> **About this task**
Copy each line of the entries that includes the word "PARTITIONING".

****************************************

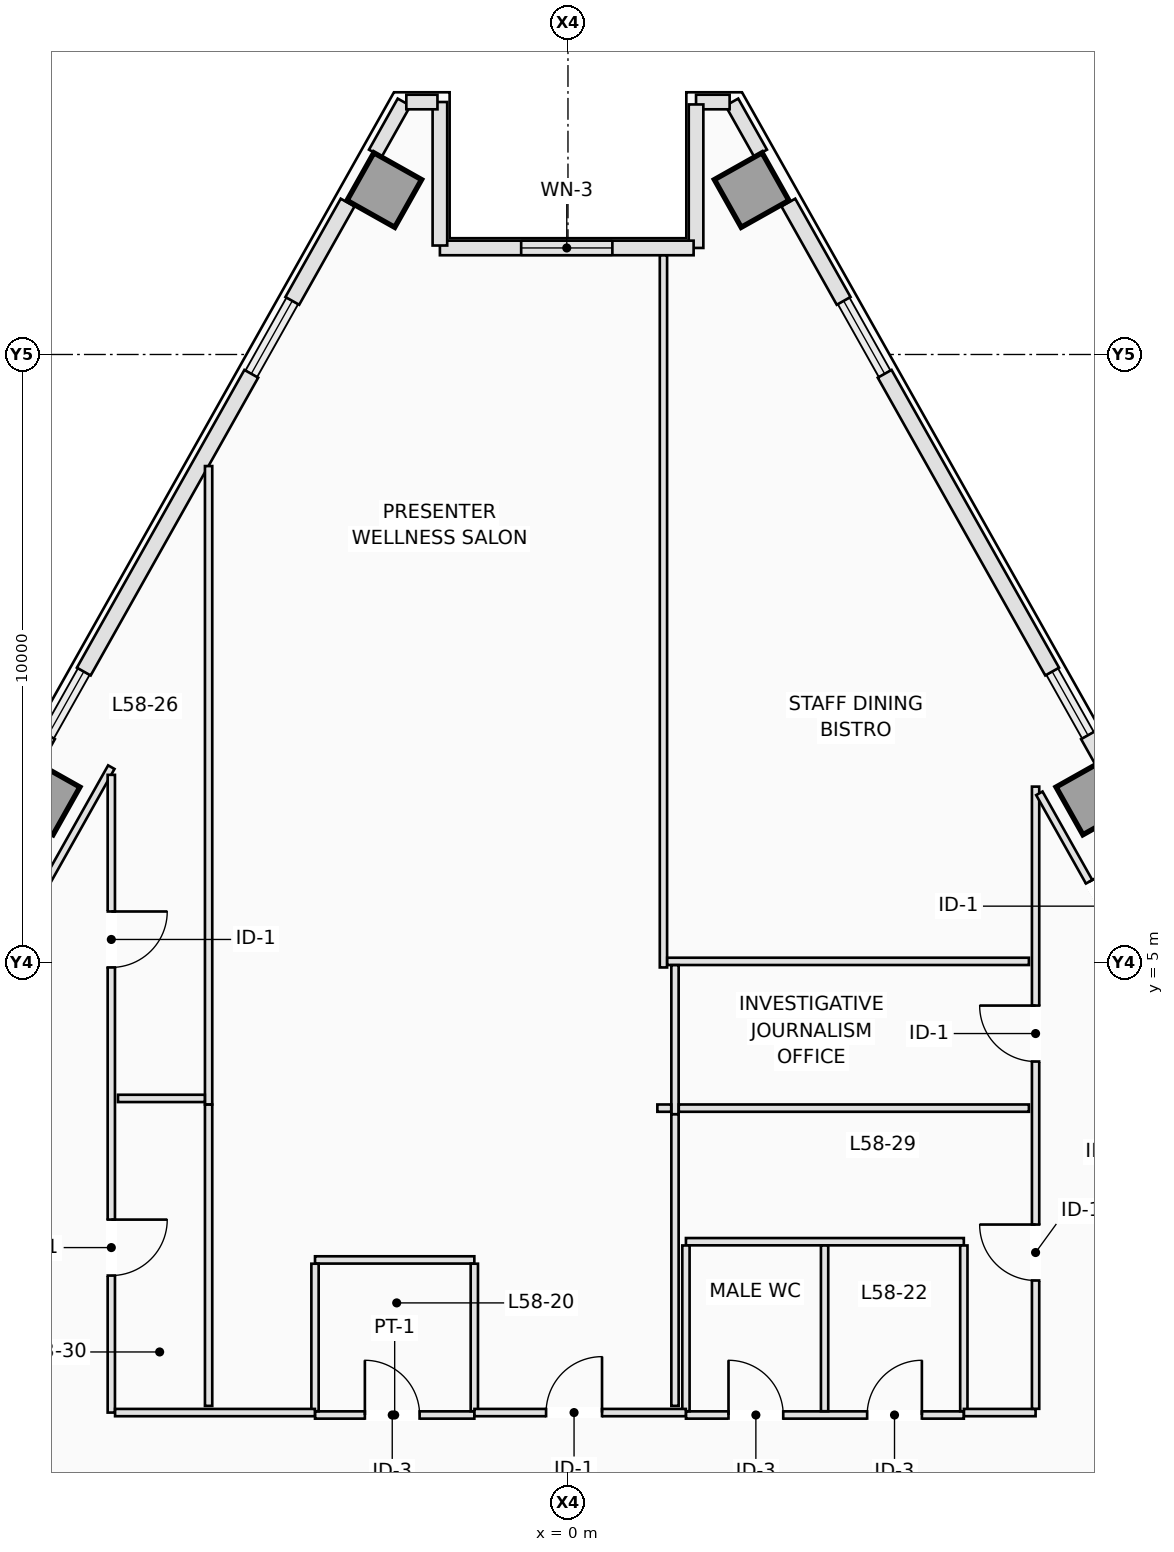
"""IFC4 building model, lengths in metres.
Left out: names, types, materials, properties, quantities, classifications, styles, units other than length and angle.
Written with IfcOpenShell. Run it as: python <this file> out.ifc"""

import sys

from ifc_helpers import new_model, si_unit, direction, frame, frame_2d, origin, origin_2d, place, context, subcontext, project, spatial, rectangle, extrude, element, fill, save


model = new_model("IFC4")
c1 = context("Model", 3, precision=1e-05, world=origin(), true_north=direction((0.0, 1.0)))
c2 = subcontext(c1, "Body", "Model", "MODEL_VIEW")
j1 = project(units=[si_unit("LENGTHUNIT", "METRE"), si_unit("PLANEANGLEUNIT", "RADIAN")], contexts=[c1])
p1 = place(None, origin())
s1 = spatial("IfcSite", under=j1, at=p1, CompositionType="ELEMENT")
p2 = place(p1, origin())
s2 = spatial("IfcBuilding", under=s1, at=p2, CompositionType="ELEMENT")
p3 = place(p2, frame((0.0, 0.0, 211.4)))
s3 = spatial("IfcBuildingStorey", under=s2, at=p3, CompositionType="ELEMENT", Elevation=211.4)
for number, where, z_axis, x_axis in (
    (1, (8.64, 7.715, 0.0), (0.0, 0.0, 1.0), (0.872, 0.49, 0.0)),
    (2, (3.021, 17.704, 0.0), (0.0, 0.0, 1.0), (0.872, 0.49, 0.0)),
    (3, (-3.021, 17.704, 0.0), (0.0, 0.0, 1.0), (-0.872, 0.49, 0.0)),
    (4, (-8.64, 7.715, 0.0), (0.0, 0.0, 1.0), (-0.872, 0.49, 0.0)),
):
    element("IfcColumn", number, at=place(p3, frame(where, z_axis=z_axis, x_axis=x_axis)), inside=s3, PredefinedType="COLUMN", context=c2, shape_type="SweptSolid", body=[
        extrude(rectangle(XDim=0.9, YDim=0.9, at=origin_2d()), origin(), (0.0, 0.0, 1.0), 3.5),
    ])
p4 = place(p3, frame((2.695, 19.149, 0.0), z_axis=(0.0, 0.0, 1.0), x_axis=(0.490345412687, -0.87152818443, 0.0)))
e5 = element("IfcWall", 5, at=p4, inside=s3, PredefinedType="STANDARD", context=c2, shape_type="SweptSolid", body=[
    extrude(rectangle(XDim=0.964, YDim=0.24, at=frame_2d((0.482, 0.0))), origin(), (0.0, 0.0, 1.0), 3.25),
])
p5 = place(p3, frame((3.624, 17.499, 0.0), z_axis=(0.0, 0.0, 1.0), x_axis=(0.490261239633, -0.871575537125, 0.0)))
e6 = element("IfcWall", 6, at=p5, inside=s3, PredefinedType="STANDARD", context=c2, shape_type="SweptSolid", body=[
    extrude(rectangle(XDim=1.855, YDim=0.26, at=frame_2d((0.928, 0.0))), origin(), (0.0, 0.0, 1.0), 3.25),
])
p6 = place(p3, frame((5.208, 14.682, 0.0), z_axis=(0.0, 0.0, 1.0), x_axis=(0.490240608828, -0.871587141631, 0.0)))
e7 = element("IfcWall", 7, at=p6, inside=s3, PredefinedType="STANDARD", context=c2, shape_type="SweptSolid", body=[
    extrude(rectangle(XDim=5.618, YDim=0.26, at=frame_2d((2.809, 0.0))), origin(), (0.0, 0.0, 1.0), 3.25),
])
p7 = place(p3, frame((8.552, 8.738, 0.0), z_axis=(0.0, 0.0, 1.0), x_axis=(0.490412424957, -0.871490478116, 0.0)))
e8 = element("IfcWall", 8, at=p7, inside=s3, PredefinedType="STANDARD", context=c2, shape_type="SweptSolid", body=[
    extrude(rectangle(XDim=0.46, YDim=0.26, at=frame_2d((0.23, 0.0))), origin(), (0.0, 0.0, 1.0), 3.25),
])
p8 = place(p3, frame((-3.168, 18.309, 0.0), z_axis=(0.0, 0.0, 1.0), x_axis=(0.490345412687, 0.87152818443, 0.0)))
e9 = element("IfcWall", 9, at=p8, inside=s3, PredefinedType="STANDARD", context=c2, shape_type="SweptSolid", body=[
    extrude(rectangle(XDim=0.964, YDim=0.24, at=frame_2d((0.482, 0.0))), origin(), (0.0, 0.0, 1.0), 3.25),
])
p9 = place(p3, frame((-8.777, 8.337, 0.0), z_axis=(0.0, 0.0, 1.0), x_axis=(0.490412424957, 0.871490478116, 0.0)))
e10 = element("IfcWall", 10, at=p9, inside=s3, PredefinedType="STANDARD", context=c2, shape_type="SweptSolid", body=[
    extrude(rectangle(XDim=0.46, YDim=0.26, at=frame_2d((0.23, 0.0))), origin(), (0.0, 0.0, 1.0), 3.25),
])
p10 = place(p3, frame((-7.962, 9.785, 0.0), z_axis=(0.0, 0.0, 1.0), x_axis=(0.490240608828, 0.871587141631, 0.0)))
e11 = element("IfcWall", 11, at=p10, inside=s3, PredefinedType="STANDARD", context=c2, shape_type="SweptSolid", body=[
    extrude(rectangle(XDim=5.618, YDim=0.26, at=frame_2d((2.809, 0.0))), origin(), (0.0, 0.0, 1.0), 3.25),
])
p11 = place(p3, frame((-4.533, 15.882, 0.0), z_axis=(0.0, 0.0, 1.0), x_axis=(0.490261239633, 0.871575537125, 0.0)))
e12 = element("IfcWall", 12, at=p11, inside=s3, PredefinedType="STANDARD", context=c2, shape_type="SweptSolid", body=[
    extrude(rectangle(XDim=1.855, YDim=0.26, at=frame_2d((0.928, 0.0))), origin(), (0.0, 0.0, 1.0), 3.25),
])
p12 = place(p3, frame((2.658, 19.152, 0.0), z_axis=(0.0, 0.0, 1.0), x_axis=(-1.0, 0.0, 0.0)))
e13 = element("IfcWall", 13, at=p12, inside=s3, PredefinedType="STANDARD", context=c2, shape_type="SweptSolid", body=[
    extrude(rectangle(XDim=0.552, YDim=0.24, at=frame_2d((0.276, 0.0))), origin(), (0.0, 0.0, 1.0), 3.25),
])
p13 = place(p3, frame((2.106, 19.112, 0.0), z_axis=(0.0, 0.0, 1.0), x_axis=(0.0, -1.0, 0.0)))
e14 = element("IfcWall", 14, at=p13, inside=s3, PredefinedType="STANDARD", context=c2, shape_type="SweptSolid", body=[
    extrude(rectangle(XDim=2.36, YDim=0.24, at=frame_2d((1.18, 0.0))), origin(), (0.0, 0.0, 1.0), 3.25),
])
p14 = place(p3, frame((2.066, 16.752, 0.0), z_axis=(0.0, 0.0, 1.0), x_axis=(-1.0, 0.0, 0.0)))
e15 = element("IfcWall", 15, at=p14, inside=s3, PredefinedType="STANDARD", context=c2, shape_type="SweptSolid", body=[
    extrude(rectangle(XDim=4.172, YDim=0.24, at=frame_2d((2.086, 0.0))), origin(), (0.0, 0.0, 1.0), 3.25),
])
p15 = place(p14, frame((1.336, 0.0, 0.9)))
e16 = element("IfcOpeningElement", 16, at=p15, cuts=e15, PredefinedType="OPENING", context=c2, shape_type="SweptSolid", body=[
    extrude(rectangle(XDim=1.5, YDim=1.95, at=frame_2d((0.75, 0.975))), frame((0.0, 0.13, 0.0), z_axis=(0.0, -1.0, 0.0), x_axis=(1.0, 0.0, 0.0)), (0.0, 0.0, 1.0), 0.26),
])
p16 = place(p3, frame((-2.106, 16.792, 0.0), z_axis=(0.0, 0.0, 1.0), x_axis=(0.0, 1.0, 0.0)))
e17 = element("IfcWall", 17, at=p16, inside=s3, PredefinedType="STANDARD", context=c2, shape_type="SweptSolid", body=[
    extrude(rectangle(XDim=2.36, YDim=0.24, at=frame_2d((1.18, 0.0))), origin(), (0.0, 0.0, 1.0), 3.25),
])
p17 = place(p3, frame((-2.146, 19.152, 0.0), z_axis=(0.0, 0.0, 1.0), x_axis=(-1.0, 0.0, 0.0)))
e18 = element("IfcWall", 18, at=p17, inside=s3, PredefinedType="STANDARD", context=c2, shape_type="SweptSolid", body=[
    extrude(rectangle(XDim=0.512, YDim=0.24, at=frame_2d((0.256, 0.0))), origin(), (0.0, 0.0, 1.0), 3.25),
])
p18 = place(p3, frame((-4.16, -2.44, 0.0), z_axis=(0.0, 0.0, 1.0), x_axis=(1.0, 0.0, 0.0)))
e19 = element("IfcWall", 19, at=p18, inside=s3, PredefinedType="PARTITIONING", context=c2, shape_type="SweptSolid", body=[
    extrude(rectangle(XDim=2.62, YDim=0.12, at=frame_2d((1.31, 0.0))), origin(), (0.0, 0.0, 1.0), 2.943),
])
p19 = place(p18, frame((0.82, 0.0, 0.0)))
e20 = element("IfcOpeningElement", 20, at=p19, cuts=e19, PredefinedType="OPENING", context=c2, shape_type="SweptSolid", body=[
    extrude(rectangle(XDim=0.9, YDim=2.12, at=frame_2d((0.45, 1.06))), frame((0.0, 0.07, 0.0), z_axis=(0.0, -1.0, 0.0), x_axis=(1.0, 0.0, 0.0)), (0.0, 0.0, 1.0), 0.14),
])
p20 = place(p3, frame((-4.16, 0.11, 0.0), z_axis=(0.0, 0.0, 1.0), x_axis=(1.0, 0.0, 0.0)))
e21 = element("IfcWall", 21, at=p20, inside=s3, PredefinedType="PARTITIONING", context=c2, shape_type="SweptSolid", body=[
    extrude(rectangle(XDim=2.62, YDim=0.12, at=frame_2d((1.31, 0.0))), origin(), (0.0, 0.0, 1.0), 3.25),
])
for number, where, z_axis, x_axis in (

****************************************

> **Answer**
e19 = element("IfcWall", 19, at=p18, inside=s3, PredefinedType="PARTITIONING", context=c2, shape_type="SweptSolid", body=[
e21 = element("IfcWall", 21, at=p20, inside=s3, PredefinedType="PARTITIONING", context=c2, shape_type="SweptSolid", body=[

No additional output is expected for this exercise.